* WORK TASK
Each line below that holds the word "CompositionType" counts toward the answer; reply with the total number only.
Start of DATA UNDER STUDY
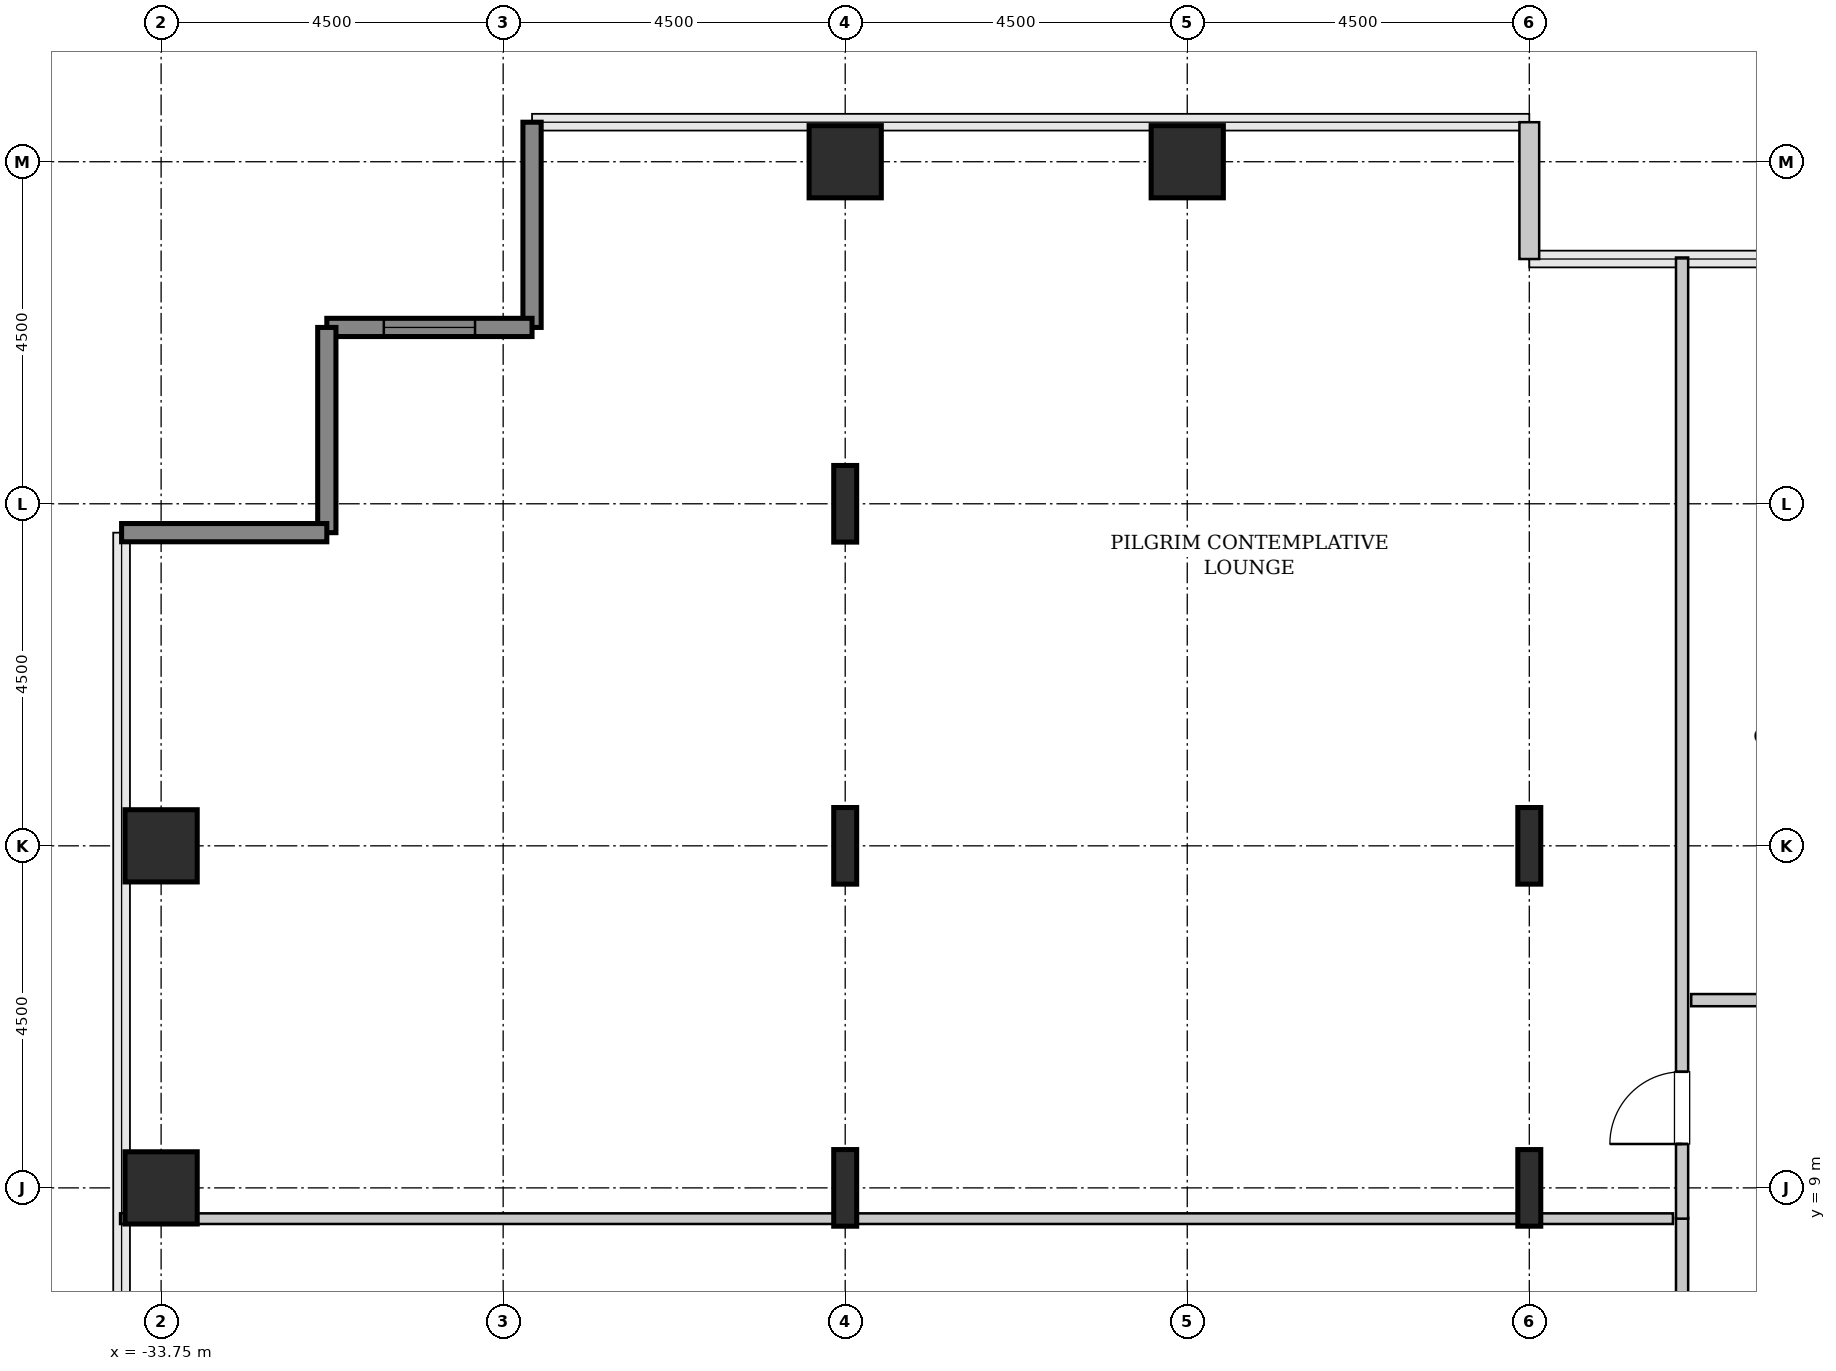
"""IFC4 building model, lengths in metres.
Left out: names, types, materials, properties, quantities, classifications, styles, units other than length and angle.
Written with IfcOpenShell. Run it as: python <this file> out.ifc"""

import sys

from ifc_helpers import new_model, si_unit, direction, frame, frame_2d, origin, origin_2d, place, context, subcontext, project, spatial, rectangle, hollow_rectangle, i_section, extrude, source, transform, mapped, element, fill, save


model = new_model("IFC4")
c1 = context("Model", 3, precision=1e-05, world=origin(), true_north=direction((0.0, 1.0)))
c2 = subcontext(c1, "Body", "Model", "MODEL_VIEW")
j1 = project(units=[si_unit("LENGTHUNIT", "METRE"), si_unit("PLANEANGLEUNIT", "RADIAN")], contexts=[c1])
p1 = place(None, origin())
s1 = spatial("IfcSite", under=j1, at=p1, CompositionType="ELEMENT")
p2 = place(p1, origin())
s2 = spatial("IfcBuilding", under=s1, at=p2, CompositionType="ELEMENT")
p3 = place(p2, frame((0.0, 0.0, 71.0)))
s3 = spatial("IfcBuildingStorey", under=s2, at=p3, CompositionType="ELEMENT", Elevation=71.0)
m1 = source(origin(), c2, "Body", "SweptSolid", [
    extrude(hollow_rectangle(XDim=0.95, YDim=0.95, WallThickness=0.045, InnerFilletRadius=0.045, OuterFilletRadius=0.09, at=origin_2d()), origin(), (0.0, 0.0, 1.0), 3.8),
])
for number, where, z_axis, x_axis in (
    (1, (-33.75, 9.0, 0.0), (0.0, 0.0, 1.0), (1.0, 0.0, 0.0)),
    (2, (-33.75, 13.5, 0.0), (0.0, 0.0, 1.0), (1.0, 0.0, 0.0)),
):
    element("IfcColumn", number, at=place(p3, frame(where, z_axis=z_axis, x_axis=x_axis)), inside=s3, PredefinedType="COLUMN", context=c2, shape_type="MappedRepresentation", body=[
        mapped(m1, transform((0.0, 0.0, 0.0), x_axis=(1.0, 0.0, 0.0), y_axis=(0.0, 1.0, 0.0), z_axis=(0.0, 0.0, 1.0), scale=1.0)),
    ])
m2 = source(origin(), c2, "Body", "SweptSolid", [
    extrude(i_section(OverallWidth=0.302, OverallDepth=1.008, WebThickness=0.021, FlangeThickness=0.04, FilletRadius=0.03, at=origin_2d()), origin(), (0.0, 0.0, 1.0), 3.8),
])
for number, where, z_axis, x_axis in (
    (3, (-24.75, 9.0, 0.0), (0.0, 0.0, 1.0), (1.0, 0.0, 0.0)),
    (4, (-24.75, 13.5, 0.0), (0.0, 0.0, 1.0), (1.0, 0.0, 0.0)),
    (5, (-24.75, 18.0, 0.0), (0.0, 0.0, 1.0), (1.0, 0.0, 0.0)),
):
    element("IfcColumn", number, at=place(p3, frame(where, z_axis=z_axis, x_axis=x_axis)), inside=s3, PredefinedType="COLUMN", context=c2, shape_type="MappedRepresentation", body=[
        mapped(m2, transform((0.0, 0.0, 0.0), x_axis=(1.0, 0.0, 0.0), y_axis=(0.0, 1.0, 0.0), z_axis=(0.0, 0.0, 1.0), scale=1.0)),
    ])
for number, where, z_axis, x_axis in (
    (6, (-24.75, 22.5, 0.0), (0.0, 0.0, 1.0), (1.0, 0.0, 0.0)),
    (7, (-20.25, 22.5, 0.0), (0.0, 0.0, 1.0), (1.0, 0.0, 0.0)),
):
    element("IfcColumn", number, at=place(p3, frame(where, z_axis=z_axis, x_axis=x_axis)), inside=s3, PredefinedType="COLUMN", context=c2, shape_type="MappedRepresentation", body=[
        mapped(m1, transform((0.0, 0.0, 0.0), x_axis=(1.0, 0.0, 0.0), y_axis=(0.0, 1.0, 0.0), z_axis=(0.0, 0.0, 1.0), scale=1.0)),
    ])
for number, where, z_axis, x_axis in (
    (8, (-15.75, 9.0, 0.0), (0.0, 0.0, 1.0), (1.0, 0.0, 0.0)),
    (9, (-15.75, 13.5, 0.0), (0.0, 0.0, 1.0), (1.0, 0.0, 0.0)),
):
    element("IfcColumn", number, at=place(p3, frame(where, z_axis=z_axis, x_axis=x_axis)), inside=s3, PredefinedType="COLUMN", context=c2, shape_type="MappedRepresentation", body=[
        mapped(m2, transform((0.0, 0.0, 0.0), x_axis=(1.0, 0.0, 0.0), y_axis=(0.0, 1.0, 0.0), z_axis=(0.0, 0.0, 1.0), scale=1.0)),
    ])
m3 = source(origin(), c2, "Body", "SweptSolid", [
    extrude(rectangle(XDim=1.8, YDim=0.26, at=frame_2d((0.9, 0.0))), origin(), (0.0, 0.0, 1.0), 3.55),
])
p4 = place(p3, frame((-15.75, 21.22, 0.0), z_axis=(0.0, 0.0, 1.0), x_axis=(0.0, 1.0, 0.0)))
e10 = element("IfcWall", 10, at=p4, inside=s3, PredefinedType="SOLIDWALL", context=c2, shape_type="MappedRepresentation", body=[
    mapped(m3, transform((0.0, 0.0, 0.0), x_axis=(1.0, 0.0, 0.0), y_axis=(0.0, 1.0, 0.0), z_axis=(0.0, 0.0, 1.0), scale=1.0)),
])
m4 = source(origin(), c2, "Body", "SweptSolid", [
    extrude(rectangle(XDim=2.7, YDim=0.24, at=frame_2d((1.35, 0.0))), origin(), (0.0, 0.0, 1.0), 3.55),
])
p5 = place(p3, frame((-28.87, 23.02, 0.0), z_axis=(0.0, 0.0, 1.0), x_axis=(0.0, -1.0, 0.0)))
e11 = element("IfcWall", 11, at=p5, inside=s3, PredefinedType="SHEAR", context=c2, shape_type="MappedRepresentation", body=[
    mapped(m4, transform((0.0, 0.0, 0.0), x_axis=(1.0, 0.0, 0.0), y_axis=(0.0, 1.0, 0.0), z_axis=(0.0, 0.0, 1.0), scale=1.0)),
])
p6 = place(p3, frame((-28.87, 20.32, 0.0), z_axis=(0.0, 0.0, 1.0), x_axis=(-1.0, 0.0, 0.0)))
e12 = element("IfcWall", 12, at=p6, inside=s3, PredefinedType="SHEAR", context=c2, shape_type="MappedRepresentation", body=[
    mapped(m4, transform((0.0, 0.0, 0.0), x_axis=(1.0, 0.0, 0.0), y_axis=(0.0, 1.0, 0.0), z_axis=(0.0, 0.0, 1.0), scale=1.0)),
])
p7 = place(p6, frame((0.75, 0.0, 0.85)))
e13 = element("IfcOpeningElement", 13, at=p7, cuts=e12, PredefinedType="OPENING", context=c2, shape_type="SweptSolid", body=[
    extrude(rectangle(XDim=1.2, YDim=1.8, at=frame_2d((0.6, 0.9))), frame((0.0, 0.13, 0.0), z_axis=(0.0, -1.0, 0.0), x_axis=(1.0, 0.0, 0.0)), (0.0, 0.0, 1.0), 0.26),
])
for number, where, z_axis, x_axis in (
    (14, (-31.57, 20.32, 0.0), (0.0, 0.0, 1.0), (0.0, -1.0, 0.0)),
    (15, (-31.57, 17.62, 0.0), (0.0, 0.0, 1.0), (-1.0, 0.0, 0.0)),
):
    element("IfcWall", number, at=place(p3, frame(where, z_axis=z_axis, x_axis=x_axis)), inside=s3, PredefinedType="SHEAR", context=c2, shape_type="MappedRepresentation", body=[
        mapped(m4, transform((0.0, 0.0, 0.0), x_axis=(1.0, 0.0, 0.0), y_axis=(0.0, 1.0, 0.0), z_axis=(0.0, 0.0, 1.0), scale=1.0)),
    ])
m5 = source(origin(), c2, "Body", "SweptSolid", [
    extrude(rectangle(XDim=3.21, YDim=0.16, at=frame_2d((1.605, 0.0))), origin(), (0.0, 0.0, 1.0), 3.535),
])
p8 = place(p3, frame((-13.74, 5.395, 0.0), z_axis=(0.0, 0.0, 1.0), x_axis=(0.0, 1.0, 0.0)))
e16 = element("IfcWall", 16, at=p8, inside=s3, PredefinedType="PARTITIONING", context=c2, shape_type="MappedRepresentation", body=[
    mapped(m5, transform((0.0, 0.0, 0.0), x_axis=(1.0, 0.0, 0.0), y_axis=(0.0, 1.0, 0.0), z_axis=(0.0, 0.0, 1.0), scale=1.0)),
])
p9 = place(p8, frame((1.13, 0.0, 0.0)))
e17 = element("IfcOpeningElement", 17, at=p9, cuts=e16, PredefinedType="OPENING", context=c2, shape_type="SweptSolid", body=[
    extrude(rectangle(XDim=0.95, YDim=2.1, at=frame_2d((0.475, 1.05))), frame((0.0, 0.09, 0.0), z_axis=(0.0, -1.0, 0.0), x_axis=(1.0, 0.0, 0.0)), (0.0, 0.0, 1.0), 0.18),
])
m6 = source(origin(), c2, "Body", "SweptSolid", [
    extrude(rectangle(XDim=20.43, YDim=0.14, at=frame_2d((10.215, 0.0))), origin(), (0.0, 0.0, 1.0), 2.825),
])
p10 = place(p3, frame((-34.29, 8.595, 0.0), z_axis=(0.0, 0.0, 1.0), x_axis=(1.0, 0.0, 0.0)))
e18 = element("IfcWall", 18, at=p10, inside=s3, PredefinedType="PARTITIONING", context=c2, shape_type="MappedRepresentation", body=[
    mapped(m6, transform((0.0, 0.0, 0.0), x_axis=(1.0, 0.0, 0.0), y_axis=(0.0, 1.0, 0.0), z_axis=(0.0, 0.0, 1.0), scale=1.0)),
])
m7 = source(origin(), c2, "Body", "SweptSolid", [
    extrude(rectangle(XDim=12.645, YDim=0.16, at=frame_2d((6.323, 0.0))), origin(), (0.0, 0.0, 1.0), 3.535),
])
p11 = place(p3, frame((-13.74, 8.595, 0.0), z_axis=(0.0, 0.0, 1.0), x_axis=(0.0, 1.0, 0.0)))
e19 = element("IfcWall", 19, at=p11, inside=s3, PredefinedType="PARTITIONING", context=c2, shape_type="MappedRepresentation", body=[
    mapped(m7, transform((0.0, 0.0, 0.0), x_axis=(1.0, 0.0, 0.0), y_axis=(0.0, 1.0, 0.0), z_axis=(0.0, 0.0, 1.0), scale=1.0)),
])
p12 = place(p11, frame((0.982, 0.0, 0.0)))
e20 = element("IfcOpeningElement", 20, at=p12, cuts=e19, PredefinedType="OPENING", context=c2, shape_type="SweptSolid", body=[
    extrude(rectangle(XDim=0.95, YDim=2.1, at=frame_2d((0.475, 1.05))), frame((0.0, 0.09, 0.0), z_axis=(0.0, -1.0, 0.0), x_axis=(1.0, 0.0, 0.0)), (0.0, 0.0, 1.0), 0.18),
])
m8 = source(origin(), c2, "Body", "SweptSolid", [
    extrude(rectangle(XDim=4.125, YDim=0.16, at=frame_2d((2.062, 0.0))), origin(), (0.0, 0.0, 1.0), 3.535),
])
p13 = place(p3, frame((-13.62, 11.47, 0.0), z_axis=(0.0, 0.0, 1.0), x_axis=(1.0, 0.0, 0.0)))
e21 = element("IfcWall", 21, at=p13, inside=s3, PredefinedType="PARTITIONING", context=c2, shape_type="MappedRepresentation", body=[
    mapped(m8, transform((0.0, 0.0, 0.0), x_axis=(1.0, 0.0, 0.0), y_axis=(0.0, 1.0, 0.0), z_axis=(0.0, 0.0, 1.0), scale=1.0)),
])
p14 = place(p13, frame((1.587, 0.0, 0.0)))
e22 = element("IfcOpeningElement", 22, at=p14, cuts=e21, PredefinedType="OPENING", context=c2, shape_type="SweptSolid", body=[
    extrude(rectangle(XDim=0.95, YDim=2.1, at=frame_2d((0.475, 1.05))), frame((0.0, 0.09, 0.0), z_axis=(0.0, -1.0, 0.0), x_axis=(1.0, 0.0, 0.0)), (0.0, 0.0, 1.0), 0.18),
])
m9 = source(origin(), c2, "Body", "SweptSolid", [
    extrude(rectangle(XDim=1.2, YDim=1.8, at=frame_2d((0.6, 0.9))), frame((0.0, 0.03, 0.0), z_axis=(0.0, -1.0, 0.0), x_axis=(1.0, 0.0, 0.0)), (0.0, 0.0, 1.0), 0.06),
])
p15 = place(p7, origin())
e23 = element("IfcWindow", 23, at=p15, inside=s3, PartitioningType="SINGLE_PANEL", PredefinedType="WINDOW", context=c2, shape_type="MappedRepresentation", body=[
    mapped(m9, transform((0.0, 0.0, 0.0), x_axis=(1.0, 0.0, 0.0), y_axis=(0.0, 1.0, 0.0), z_axis=(0.0, 0.0, 1.0), scale=1.0)),
])
fill(e13, e23)
m10 = source(origin(), c2, "Body", "SweptSolid", [
    extrude(rectangle(XDim=0.95, YDim=2.1, at=frame_2d((0.475, 1.05))), frame((0.0, 0.025, 0.0), z_axis=(0.0, -1.0, 0.0), x_axis=(1.0, 0.0, 0.0)), (0.0, 0.0, 1.0), 0.05),
])
p16 = place(p12, origin())
e24 = element("IfcDoor", 24, at=p16, inside=s3, OperationType="SINGLE_SWING_LEFT", PredefinedType="DOOR", context=c2, shape_type="MappedRepresentation", body=[
    mapped(m10, transform((0.0, 0.0, 0.0), x_axis=(1.0, 0.0, 0.0), y_axis=(0.0, 1.0, 0.0), z_axis=(0.0, 0.0, 1.0), scale=1.0)),
])
fill(e20, e24)
save(model, sys.argv[1])
End of DATA UNDER STUDY
* SOLUTION TO THE EXERCISE
3